§ **REQUIREMENT**: There is one span to output from the data below: the lines starting at the line with "109.47, 0.0), z_axis=(0.0, 0.0, 1.0), x_axis=(0.0, 1.0, 0.0)))" and ending at the line with "p21 = place(p20, frame((3.225, 0.0, 0.0)))". Output it exactly, ends included, nothing more.

§ **RECORDS SUPPLIED**:
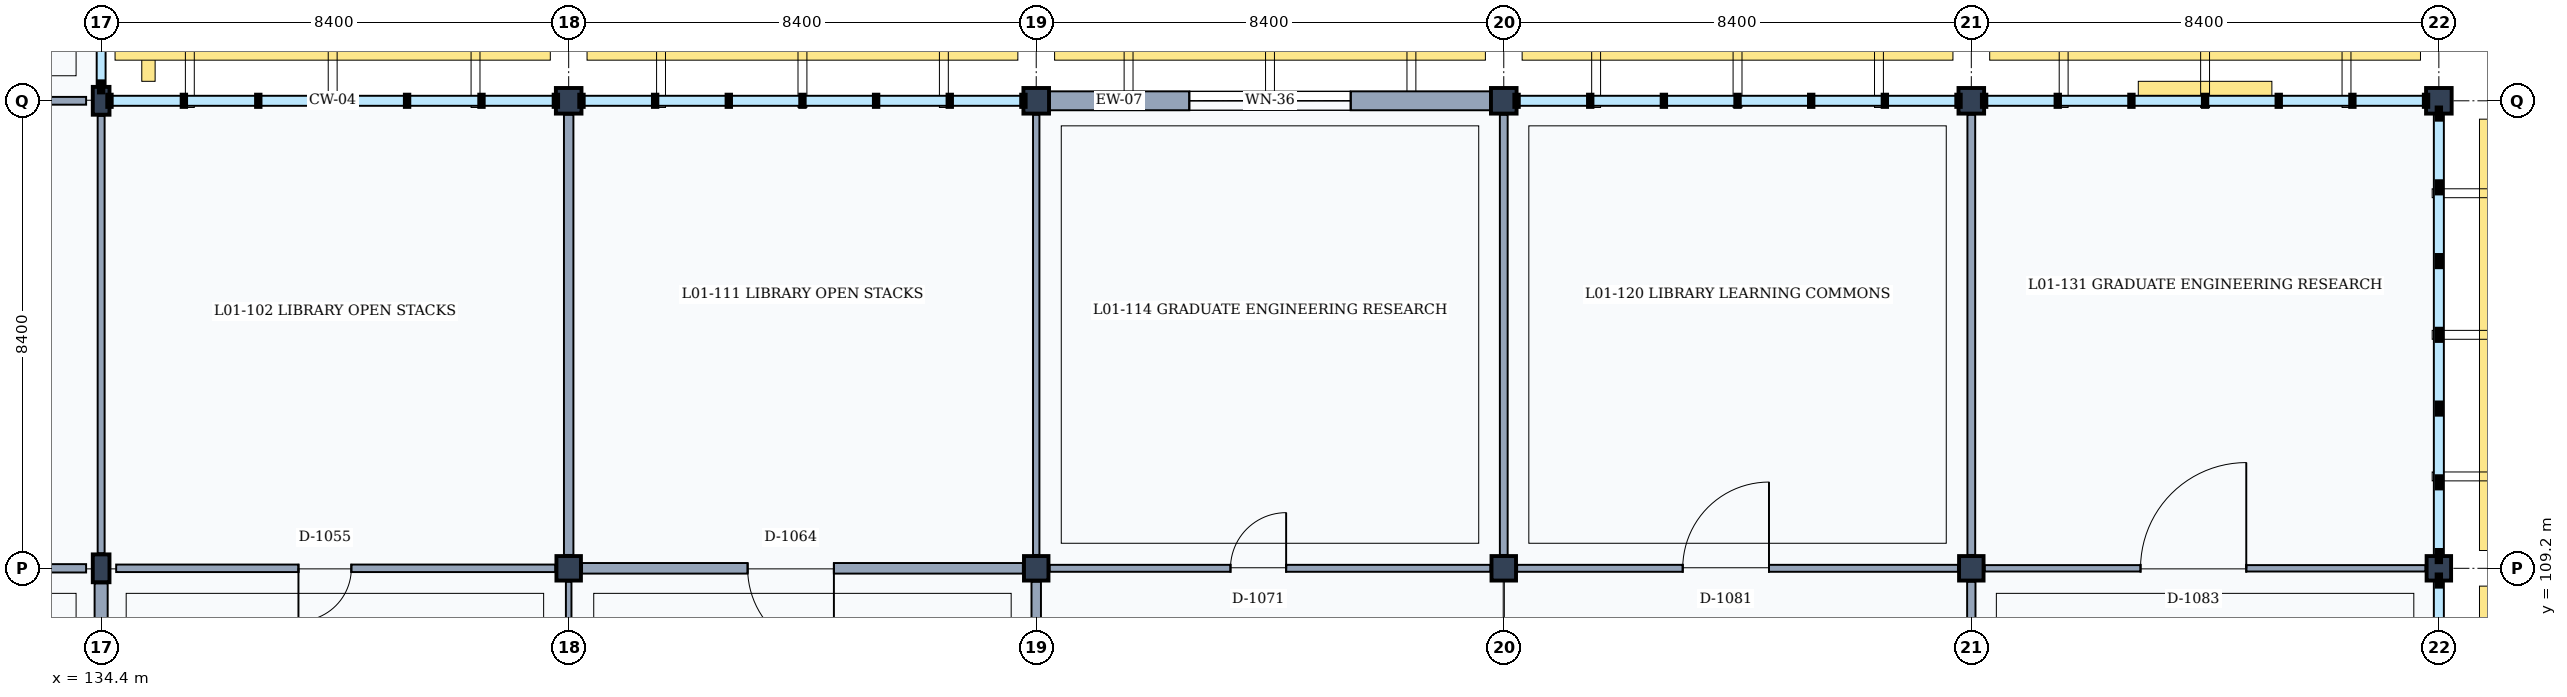
"""IFC4 building model, lengths in metres.
Left out: names, types, materials, properties, quantities, classifications, styles, units other than length and angle.
Written with IfcOpenShell. Run it as: python <this file> out.ifc"""

import sys

from ifc_helpers import new_model, si_unit, direction, frame, frame_2d, origin, origin_2d, place, context, subcontext, project, spatial, rectangle, i_section, extrude, element, fill, save


model = new_model("IFC4")
c1 = context("Model", 3, precision=1e-05, world=origin(), true_north=direction((0.0, 1.0)))
c2 = subcontext(c1, "Body", "Model", "MODEL_VIEW")
j1 = project(units=[si_unit("LENGTHUNIT", "METRE"), si_unit("PLANEANGLEUNIT", "RADIAN")], contexts=[c1])
p1 = place(None, origin())
s1 = spatial("IfcSite", under=j1, at=p1, CompositionType="ELEMENT")
p2 = place(p1, origin())
s2 = spatial("IfcBuilding", under=s1, at=p2, CompositionType="ELEMENT")
p3 = place(p2, frame((0.0, 0.0, 4.8)))
s3 = spatial("IfcBuildingStorey", under=s2, at=p3, CompositionType="ELEMENT", Elevation=4.8)
for number, where, z_axis, x_axis in (
    (1, (134.4, 109.2, 0.0), (0.0, 0.0, 1.0), (1.0, 0.0, 0.0)),
    (2, (134.4, 117.6, 0.0), (0.0, 0.0, 1.0), (1.0, 0.0, 0.0)),
):
    element("IfcColumn", number, at=place(p3, frame(where, z_axis=z_axis, x_axis=x_axis)), inside=s3, PredefinedType="COLUMN", context=c2, shape_type="SweptSolid", body=[
        extrude(i_section(OverallWidth=0.3, OverallDepth=0.5, WebThickness=0.014, FlangeThickness=0.028, FilletRadius=0.027, at=origin_2d()), origin(), (0.0, 0.0, 1.0), 4.8),
    ])
p4 = place(p3, frame((142.8, 109.2, 0.0), z_axis=(0.0, 0.0, 1.0), x_axis=(1.0, 0.0, 0.0)))
e3 = element("IfcColumn", 3, at=p4, inside=s3, PredefinedType="COLUMN", context=c2, shape_type="SweptSolid", body=[
    extrude(rectangle(XDim=0.44, YDim=0.44, at=origin_2d()), origin(), (0.0, 0.0, 1.0), 4.8),
])
p5 = place(p3, frame((142.8, 117.6, 0.0), z_axis=(0.0, 0.0, 1.0), x_axis=(1.0, 0.0, 0.0)))
e4 = element("IfcColumn", 4, at=p5, inside=s3, PredefinedType="COLUMN", context=c2, shape_type="SweptSolid", body=[
    extrude(rectangle(XDim=0.46, YDim=0.46, at=origin_2d()), origin(), (0.0, 0.0, 1.0), 4.8),
])
p6 = place(p3, frame((151.2, 109.2, 0.0), z_axis=(0.0, 0.0, 1.0), x_axis=(1.0, 0.0, 0.0)))
e5 = element("IfcColumn", 5, at=p6, inside=s3, PredefinedType="COLUMN", context=c2, shape_type="SweptSolid", body=[
    extrude(rectangle(XDim=0.44, YDim=0.44, at=origin_2d()), origin(), (0.0, 0.0, 1.0), 4.8),
])
p7 = place(p3, frame((151.2, 117.6, 0.0), z_axis=(0.0, 0.0, 1.0), x_axis=(1.0, 0.0, 0.0)))
e6 = element("IfcColumn", 6, at=p7, inside=s3, PredefinedType="COLUMN", context=c2, shape_type="SweptSolid", body=[
    extrude(rectangle(XDim=0.46, YDim=0.46, at=origin_2d()), origin(), (0.0, 0.0, 1.0), 4.8),
])
p8 = place(p3, frame((159.6, 109.2, 0.0), z_axis=(0.0, 0.0, 1.0), x_axis=(1.0, 0.0, 0.0)))
e7 = element("IfcColumn", 7, at=p8, inside=s3, PredefinedType="COLUMN", context=c2, shape_type="SweptSolid", body=[
    extrude(rectangle(XDim=0.44, YDim=0.44, at=origin_2d()), origin(), (0.0, 0.0, 1.0), 4.8),
])
p9 = place(p3, frame((159.6, 117.6, 0.0), z_axis=(0.0, 0.0, 1.0), x_axis=(1.0, 0.0, 0.0)))
e8 = element("IfcColumn", 8, at=p9, inside=s3, PredefinedType="COLUMN", context=c2, shape_type="SweptSolid", body=[
    extrude(rectangle(XDim=0.46, YDim=0.46, at=origin_2d()), origin(), (0.0, 0.0, 1.0), 4.8),
])
p10 = place(p3, frame((168.0, 109.2, 0.0), z_axis=(0.0, 0.0, 1.0), x_axis=(1.0, 0.0, 0.0)))
e9 = element("IfcColumn", 9, at=p10, inside=s3, PredefinedType="COLUMN", context=c2, shape_type="SweptSolid", body=[
    extrude(rectangle(XDim=0.44, YDim=0.44, at=origin_2d()), origin(), (0.0, 0.0, 1.0), 4.8),
])
p11 = place(p3, frame((168.0, 117.6, 0.0), z_axis=(0.0, 0.0, 1.0), x_axis=(1.0, 0.0, 0.0)))
e10 = element("IfcColumn", 10, at=p11, inside=s3, PredefinedType="COLUMN", context=c2, shape_type="SweptSolid", body=[
    extrude(rectangle(XDim=0.46, YDim=0.46, at=origin_2d()), origin(), (0.0, 0.0, 1.0), 4.8),
])
p12 = place(p3, frame((176.4, 109.2, 0.0), z_axis=(0.0, 0.0, 1.0), x_axis=(1.0, 0.0, 0.0)))
e11 = element("IfcColumn", 11, at=p12, inside=s3, PredefinedType="COLUMN", context=c2, shape_type="SweptSolid", body=[
    extrude(rectangle(XDim=0.44, YDim=0.44, at=origin_2d()), origin(), (0.0, 0.0, 1.0), 4.8),
])
p13 = place(p3, frame((176.4, 117.6, 0.0), z_axis=(0.0, 0.0, 1.0), x_axis=(1.0, 0.0, 0.0)))
e12 = element("IfcColumn", 12, at=p13, inside=s3, PredefinedType="COLUMN", context=c2, shape_type="SweptSolid", body=[
    extrude(rectangle(XDim=0.46, YDim=0.46, at=origin_2d()), origin(), (0.0, 0.0, 1.0), 4.8),
])
p14 = place(p3, frame((151.43, 117.6, 0.0), z_axis=(0.0, 0.0, 1.0), x_axis=(1.0, 0.0, 0.0)))
e13 = element("IfcWall", 13, at=p14, inside=s3, PredefinedType="SOLIDWALL", context=c2, shape_type="SweptSolid", body=[
    extrude(rectangle(XDim=7.94, YDim=0.34, at=frame_2d((3.97, 0.0))), origin(), (0.0, 0.0, 1.0), 3.96),
])
p15 = place(p14, frame((2.52, 0.0, 0.9)))
e14 = element("IfcOpeningElement", 14, at=p15, cuts=e13, PredefinedType="OPENING", context=c2, shape_type="SweptSolid", body=[
    extrude(rectangle(XDim=2.9, YDim=1.75, at=frame_2d((1.45, 0.875))), frame((0.0, 0.18, 0.0), z_axis=(0.0, -1.0, 0.0), x_axis=(1.0, 0.0, 0.0)), (0.0, 0.0, 1.0), 0.36),
])
p16 = place(p3, frame((134.4, 101.07, 0.0), z_axis=(0.0, 0.0, 1.0), x_axis=(0.0, 1.0, 0.0)))
e15 = element("IfcWall", 15, at=p16, inside=s3, PredefinedType="PARTITIONING", context=c2, shape_type="SweptSolid", body=[
    extrude(rectangle(XDim=7.86, YDim=0.235, at=frame_2d((3.93, 0.0))), origin(), (0.0, 0.0, 1.0), 3.92),
])
p17 = place(p3, frame((126.23, 109.2, 0.0), z_axis=(0.0, 0.0, 1.0), x_axis=(1.0, 0.0, 0.0)))
e16 = element("IfcWall", 16, at=p17, inside=s3, PredefinedType="PARTITIONING", context=c2, shape_type="SweptSolid", body=[
    extrude(rectangle(XDim=7.9, YDim=0.15, at=frame_2d((3.95, 0.0))), origin(), (0.0, 0.0, 1.0), 3.92),
])
p18 = place(p17, frame((2.925, 0.0, 0.0)))
e17 = element("IfcOpeningElement", 17, at=p18, cuts=e16, PredefinedType="OPENING", context=c2, shape_type="SweptSolid", body=[
    extrude(rectangle(XDim=1.65, YDim=2.25, at=frame_2d((0.825, 1.125))), frame((0.0, 0.085, 0.0), z_axis=(0.0, -1.0, 0.0), x_axis=(1.0, 0.0, 0.0)), (0.0, 0.0, 1.0), 0.17),
])
p19 = place(p3, frame((134.4, 109.47, 0.0), z_axis=(0.0, 0.0, 1.0), x_axis=(0.0, 1.0, 0.0)))
e18 = element("IfcWall", 18, at=p19, inside=s3, PredefinedType="PARTITIONING", context=c2, shape_type="SweptSolid", body=[
    extrude(rectangle(XDim=7.86, YDim=0.125, at=frame_2d((3.93, 0.0))), origin(), (0.0, 0.0, 1.0), 3.92),
])
p20 = place(p3, frame((126.23, 117.6, 0.0), z_axis=(0.0, 0.0, 1.0), x_axis=(1.0, 0.0, 0.0)))
e19 = element("IfcWall", 19, at=p20, inside=s3, PredefinedType="PARTITIONING", context=c2, shape_type="SweptSolid", body=[
    extrude(rectangle(XDim=7.9, YDim=0.14, at=frame_2d((3.95, 0.0))), origin(), (0.0, 0.0, 1.0), 3.92),
])
p21 = place(p20, frame((3.225, 0.0, 0.0)))
e20 = element("IfcOpeningElement", 20, at=p21, cuts=e19, PredefinedType="OPENING", context=c2, shape_type="SweptSolid", body=[
    extrude(rectangle(XDim=1.05, YDim=2.2, at=frame_2d((0.525, 1.1))), frame((0.0, 0.08, 0.0), z_axis=(0.0, -1.0, 0.0), x_axis=(1.0, 0.0, 0.0)), (0.0, 0.0, 1.0), 0.16),
])
p22 = place(p3, frame((142.8, 101.05, 0.0), z_axis=(0.0, 0.0, 1.0), x_axis=(0.0, 1.0, 0.0)))
e21 = element("IfcWall", 21, at=p22, inside=s3, PredefinedType="MOVABLE", context=c2, shape_type="SweptSolid", body=[
    extrude(rectangle(XDim=7.91, YDim=0.1, at=frame_2d((3.955, 0.0))), origin(), (0.0, 0.0, 1.0), 3.92),
])
p23 = place(p3, frame((134.67, 109.2, 0.0), z_axis=(0.0, 0.0, 1.0), x_axis=(1.0, 0.0, 0.0)))
e22 = element("IfcWall", 22, at=p23, inside=s3, PredefinedType="PARTITIONING", context=c2, shape_type="SweptSolid", body=[
    extrude(rectangle(XDim=7.89, YDim=0.135, at=frame_2d((3.945, 0.0))), origin(), (0.0, 0.0, 1.0), 3.91),
])
p24 = place(p23, frame((3.275, 0.0, 0.0)))
e23 = element("IfcOpeningElement", 23, at=p24, cuts=e22, PredefinedType="OPENING", context=c2, shape_type="SweptSolid", body=[
    extrude(rectangle(XDim=0.95, YDim=2.15, at=frame_2d((0.475, 1.075))), frame((0.0, 0.077, 0.0), z_axis=(0.0, -1.0, 0.0), x_axis=(1.0, 0.0, 0.0)), (0.0, 0.0, 1.0), 0.155),
])
p25 = place(p3, frame((142.8, 109.44, 0.0), z_axis=(0.0, 0.0, 1.0), x_axis=(0.0, 1.0, 0.0)))
e24 = element("IfcWall", 24, at=p25, inside=s3, PredefinedType="PARTITIONING", context=c2, shape_type="SweptSolid", body=[
    extrude(rectangle(XDim=7.91, YDim=0.17, at=frame_2d((3.955, 0.0))), origin(), (0.0, 0.0, 1.0), 3.92),
])
p26 = place(p3, frame((151.2, 101.05, 0.0), z_axis=(0.0, 0.0, 1.0), x_axis=(0.0, 1.0, 0.0)))
e25 = element("IfcWall", 25, at=p26, inside=s3, PredefinedType="PARTITIONING", context=c2, shape_type="SweptSolid", body=[
    extrude(rectangle(XDim=7.91, YDim=0.17, at=frame_2d((3.955, 0.0))), origin(), (0.0, 0.0, 1.0), 3.92),
])
p27 = place(p26, frame((3.1, 0.0, 0.0)))
e26 = element("IfcOpeningElement", 26, at=p27, cuts=e25, PredefinedType="OPENING", context=c2, shape_type="SweptSolid", body=[
    extrude(rectangle(XDim=1.3, YDim=2.2, at=frame_2d((0.65, 1.1))), frame((0.0, 0.095, 0.0), z_axis=(0.0, -1.0, 0.0), x_axis=(1.0, 0.0, 0.0)), (0.0, 0.0, 1.0), 0.19),
])
p28 = place(p3, frame((143.04, 109.2, 0.0), z_axis=(0.0, 0.0, 1.0), x_axis=(1.0, 0.0, 0.0)))
e27 = element("IfcWall", 27, at=p28, inside=s3, PredefinedType="PARTITIONING", context=c2, shape_type="SweptSolid", body=[
    extrude(rectangle(XDim=7.92, YDim=0.19, at=frame_2d((3.96, 0.0))), origin(), (0.0, 0.0, 1.0), 3.92),
])
p29 = place(p28, frame((2.975, 0.0, 0.0)))
e28 = element("IfcOpeningElement", 28, at=p29, cuts=e27, PredefinedType="OPENING", context=c2, shape_type="SweptSolid", body=[
    extrude(rectangle(XDim=1.55, YDim=2.35, at=frame_2d((0.775, 1.175))), frame((0.0, 0.105, 0.0), z_axis=(0.0, -1.0, 0.0), x_axis=(1.0, 0.0, 0.0)), (0.0, 0.0, 1.0), 0.21),
])
p30 = place(p3, frame((151.2, 109.44, 0.0), z_axis=(0.0, 0.0, 1.0), x_axis=(0.0, 1.0, 0.0)))
e29 = element("IfcWall", 29, at=p30, inside=s3, PredefinedType="PARTITIONING", context=c2, shape_type="SweptSolid", body=[
    extrude(rectangle(XDim=7.91, YDim=0.115, at=frame_2d((3.955, 0.0))), origin(), (0.0, 0.0, 1.0), 3.92),
])
p31 = place(p3, frame((151.44, 109.2, 0.0), z_axis=(0.0, 0.0, 1.0), x_axis=(1.0, 0.0, 0.0)))
e30 = element("IfcWall", 30, at=p31, inside=s3, PredefinedType="PARTITIONING", context=c2, shape_type="SweptSolid", body=[
    extrude(rectangle(XDim=7.92, YDim=0.125, at=frame_2d((3.96, 0.0))), origin(), (0.0, 0.0, 1.0), 3.92),
])
p32 = place(p31, frame((3.25, 0.0, 0.0)))
e31 = element("IfcOpeningElement", 31, at=p32, cuts=e30, PredefinedType="OPENING", context=c2, shape_type="SweptSolid", body=[
    extrude(rectangle(XDim=1.0, YDim=2.15, at=frame_2d((0.5, 1.075))), frame((0.0, 0.073, 0.0), z_axis=(0.0, -1.0, 0.0), x_axis=(1.0, 0.0, 0.0)), (0.0, 0.0, 1.0), 0.145),
])
p33 = place(p3, frame((159.6, 109.44, 0.0), z_axis=(0.0, 0.0, 1.0), x_axis=(0.0, 1.0, 0.0)))
e32 = element("IfcWall", 32, at=p33, inside=s3, PredefinedType="PARTITIONING", context=c2, shape_type="SweptSolid", body=[
    extrude(rectangle(XDim=7.91, YDim=0.14, at=frame_2d((3.955, 0.0))), origin(), (0.0, 0.0, 1.0), 3.92),
])
p34 = place(p3, frame((168.0, 101.05, 0.0), z_axis=(0.0, 0.0, 1.0), x_axis=(0.0, 1.0, 0.0)))
e33 = element("IfcWall", 33, at=p34, inside=s3, PredefinedType="PARTITIONING", context=c2, shape_type="SweptSolid", body=[
    extrude(rectangle(XDim=7.91, YDim=0.15, at=frame_2d((3.955, 0.0))), origin(), (0.0, 0.0, 1.0), 3.92),
])
p35 = place(p34, frame((3.1, 0.0, 0.0)))
e34 = element("IfcOpeningElement", 34, at=p35, cuts=e33, PredefinedType="OPENING", context=c2, shape_type="SweptSolid", body=[
    extrude(rectangle(XDim=1.3, YDim=2.2, at=frame_2d((0.65, 1.1))), frame((0.0, 0.085, 0.0), z_axis=(0.0, -1.0, 0.0), x_axis=(1.0, 0.0, 0.0)), (0.0, 0.0, 1.0), 0.17),
])
p36 = place(p3, frame((159.84, 109.2, 0.0), z_axis=(0.0, 0.0, 1.0), x_axis=(1.0, 0.0, 0.0)))
e35 = element("IfcWall", 35, at=p36, inside=s3, PredefinedType="PARTITIONING", context=c2, shape_type="SweptSolid", body=[
    extrude(rectangle(XDim=7.92, YDim=0.125, at=frame_2d((3.96, 0.0))), origin(), (0.0, 0.0, 1.0), 3.92),
])
p37 = place(p36, frame((2.975, 0.0, 0.0)))
e36 = element("IfcOpeningElement", 36, at=p37, cuts=e35, PredefinedType="OPENING", context=c2, shape_type="SweptSolid", body=[
    extrude(rectangle(XDim=1.55, YDim=2.35, at=frame_2d((0.775, 1.175))), frame((0.0, 0.073, 0.0), z_axis=(0.0, -1.0, 0.0), x_axis=(1.0, 0.0, 0.0)), (0.0, 0.0, 1.0), 0.145),
])
p38 = place(p3, frame((168.0, 109.44, 0.0), z_axis=(0.0, 0.0, 1.0), x_axis=(0.0, 1.0, 0.0)))
e37 = element("IfcWall", 37, at=p38, inside=s3, PredefinedType="PARTITIONING", context=c2, shape_type="SweptSolid", body=[
    extrude(rectangle(XDim=7.91, YDim=0.14, at=frame_2d((3.955, 0.0))), origin(), (0.0, 0.0, 1.0), 3.92),
])
p39 = place(p3, frame((168.24, 109.2, 0.0), z_axis=(0.0, 0.0, 1.0), x_axis=(1.0, 0.0, 0.0)))
e38 = element("IfcWall", 38, at=p39, inside=s3, PredefinedType="PARTITIONING", context=c2, shape_type="SweptSolid", body=[
    extrude(rectangle(XDim=7.92, YDim=0.115, at=frame_2d((3.96, 0.0))), origin(), (0.0, 0.0, 1.0), 3.92),
])
p40 = place(p39, frame((2.8, 0.0, 0.0)))
e39 = element("IfcOpeningElement", 39, at=p40, cuts=e38, PredefinedType="OPENING", context=c2, shape_type="SweptSolid", body=[
    extrude(rectangle(XDim=1.9, YDim=2.4, at=frame_2d((0.95, 1.2))), frame((0.0, 0.067, 0.0), z_axis=(0.0, -1.0, 0.0), x_axis=(1.0, 0.0, 0.0)), (0.0, 0.0, 1.0), 0.135),
])
p41 = place(p15, origin())
e40 = element("IfcWindow", 40, at=p41, inside=s3, PartitioningType="SINGLE_PANEL", PredefinedType="WINDOW", context=c2, shape_type="SweptSolid", body=[
    extrude(rectangle(XDim=2.9, YDim=1.75, at=frame_2d((1.45, 0.875))), frame((0.0, 0.03, 0.0), z_axis=(0.0, -1.0, 0.0), x_axis=(1.0, 0.0, 0.0)), (0.0, 0.0, 1.0), 0.06),
])
fill(e14, e40)
p42 = place(p24, frame((0.95, 0.0, 0.0), z_axis=(0.0, 0.0, 1.0), x_axis=(-1.0, 0.0, 0.0)))
e41 = element("IfcDoor", 41, at=p42, inside=s3, OperationType="SINGLE_SWING_RIGHT", PredefinedType="DOOR", context=c2, shape_type="SweptSolid", body=[
    extrude(rectangle(XDim=0.95, YDim=2.15, at=frame_2d((0.475, 1.075))), frame((0.0, 0.025, 0.0), z_axis=(0.0, -1.0, 0.0), x_axis=(1.0, 0.0, 0.0)), (0.0, 0.0, 1.0), 0.05),
])
fill(e23, e41)
p43 = place(p29, frame((1.55, 0.0, 0.0), z_axis=(0.0, 0.0, 1.0), x_axis=(-1.0, 0.0, 0.0)))
e42 = element("IfcDoor", 42, at=p43, inside=s3, OperationType="SINGLE_SWING_LEFT", PredefinedType="DOOR", context=c2, shape_type="SweptSolid", body=[
    extrude(rectangle(XDim=1.55, YDim=2.35, at=frame_2d((0.775, 1.175))), frame((0.0, 0.025, 0.0), z_axis=(0.0, -1.0, 0.0), x_axis=(1.0, 0.0, 0.0)), (0.0, 0.0, 1.0), 0.05),
])
fill(e28, e42)
p44 = place(p32, origin())
e43 = element("IfcDoor", 43, at=p44, inside=s3, OperationType="SINGLE_SWING_RIGHT", PredefinedType="DOOR", context=c2, shape_type="SweptSolid", body=[
    extrude(rectangle(XDim=1.0, YDim=2.15, at=frame_2d((0.5, 1.075))), frame((0.0, 0.025, 0.0), z_axis=(0.0, -1.0, 0.0), x_axis=(1.0, 0.0, 0.0)), (0.0, 0.0, 1.0), 0.05),
])
fill(e31, e43)
p45 = place(p37, origin())
e44 = element("IfcDoor", 44, at=p45, inside=s3, OperationType="SINGLE_SWING_RIGHT", PredefinedType="DOOR", context=c2, shape_type="SweptSolid", body=[
    extrude(rectangle(XDim=1.55, YDim=2.35, at=frame_2d((0.775, 1.175))), frame((0.0, 0.025, 0.0), z_axis=(0.0, -1.0, 0.0), x_axis=(1.0, 0.0, 0.0)), (0.0, 0.0, 1.0), 0.05),
])
fill(e36, e44)
p46 = place(p40, origin())
e45 = element("IfcDoor", 45, at=p46, inside=s3, OperationType="SINGLE_SWING_RIGHT", PredefinedType="DOOR", context=c2, shape_type="SweptSolid", body=[
    extrude(rectangle(XDim=1.9, YDim=2.4, at=frame_2d((0.95, 1.2))), frame((0.0, 0.025, 0.0), z_axis=(0.0, -1.0, 0.0), x_axis=(1.0, 0.0, 0.0)), (0.0, 0.0, 1.0), 0.05),
])
fill(e39, e45)
save(model, sys.argv[1])

§ **TASK RESPONSE**:
p19 = place(p3, frame((134.4, 109.47, 0.0), z_axis=(0.0, 0.0, 1.0), x_axis=(0.0, 1.0, 0.0)))
e18 = element("IfcWall", 18, at=p19, inside=s3, PredefinedType="PARTITIONING", context=c2, shape_type="SweptSolid", body=[
    extrude(rectangle(XDim=7.86, YDim=0.125, at=frame_2d((3.93, 0.0))), origin(), (0.0, 0.0, 1.0), 3.92),
])
p20 = place(p3, frame((126.23, 117.6, 0.0), z_axis=(0.0, 0.0, 1.0), x_axis=(1.0, 0.0, 0.0)))
e19 = element("IfcWall", 19, at=p20, inside=s3, PredefinedType="PARTITIONING", context=c2, shape_type="SweptSolid", body=[
    extrude(rectangle(XDim=7.9, YDim=0.14, at=frame_2d((3.95, 0.0))), origin(), (0.0, 0.0, 1.0), 3.92),
])
p21 = place(p20, frame((3.225, 0.0, 0.0)))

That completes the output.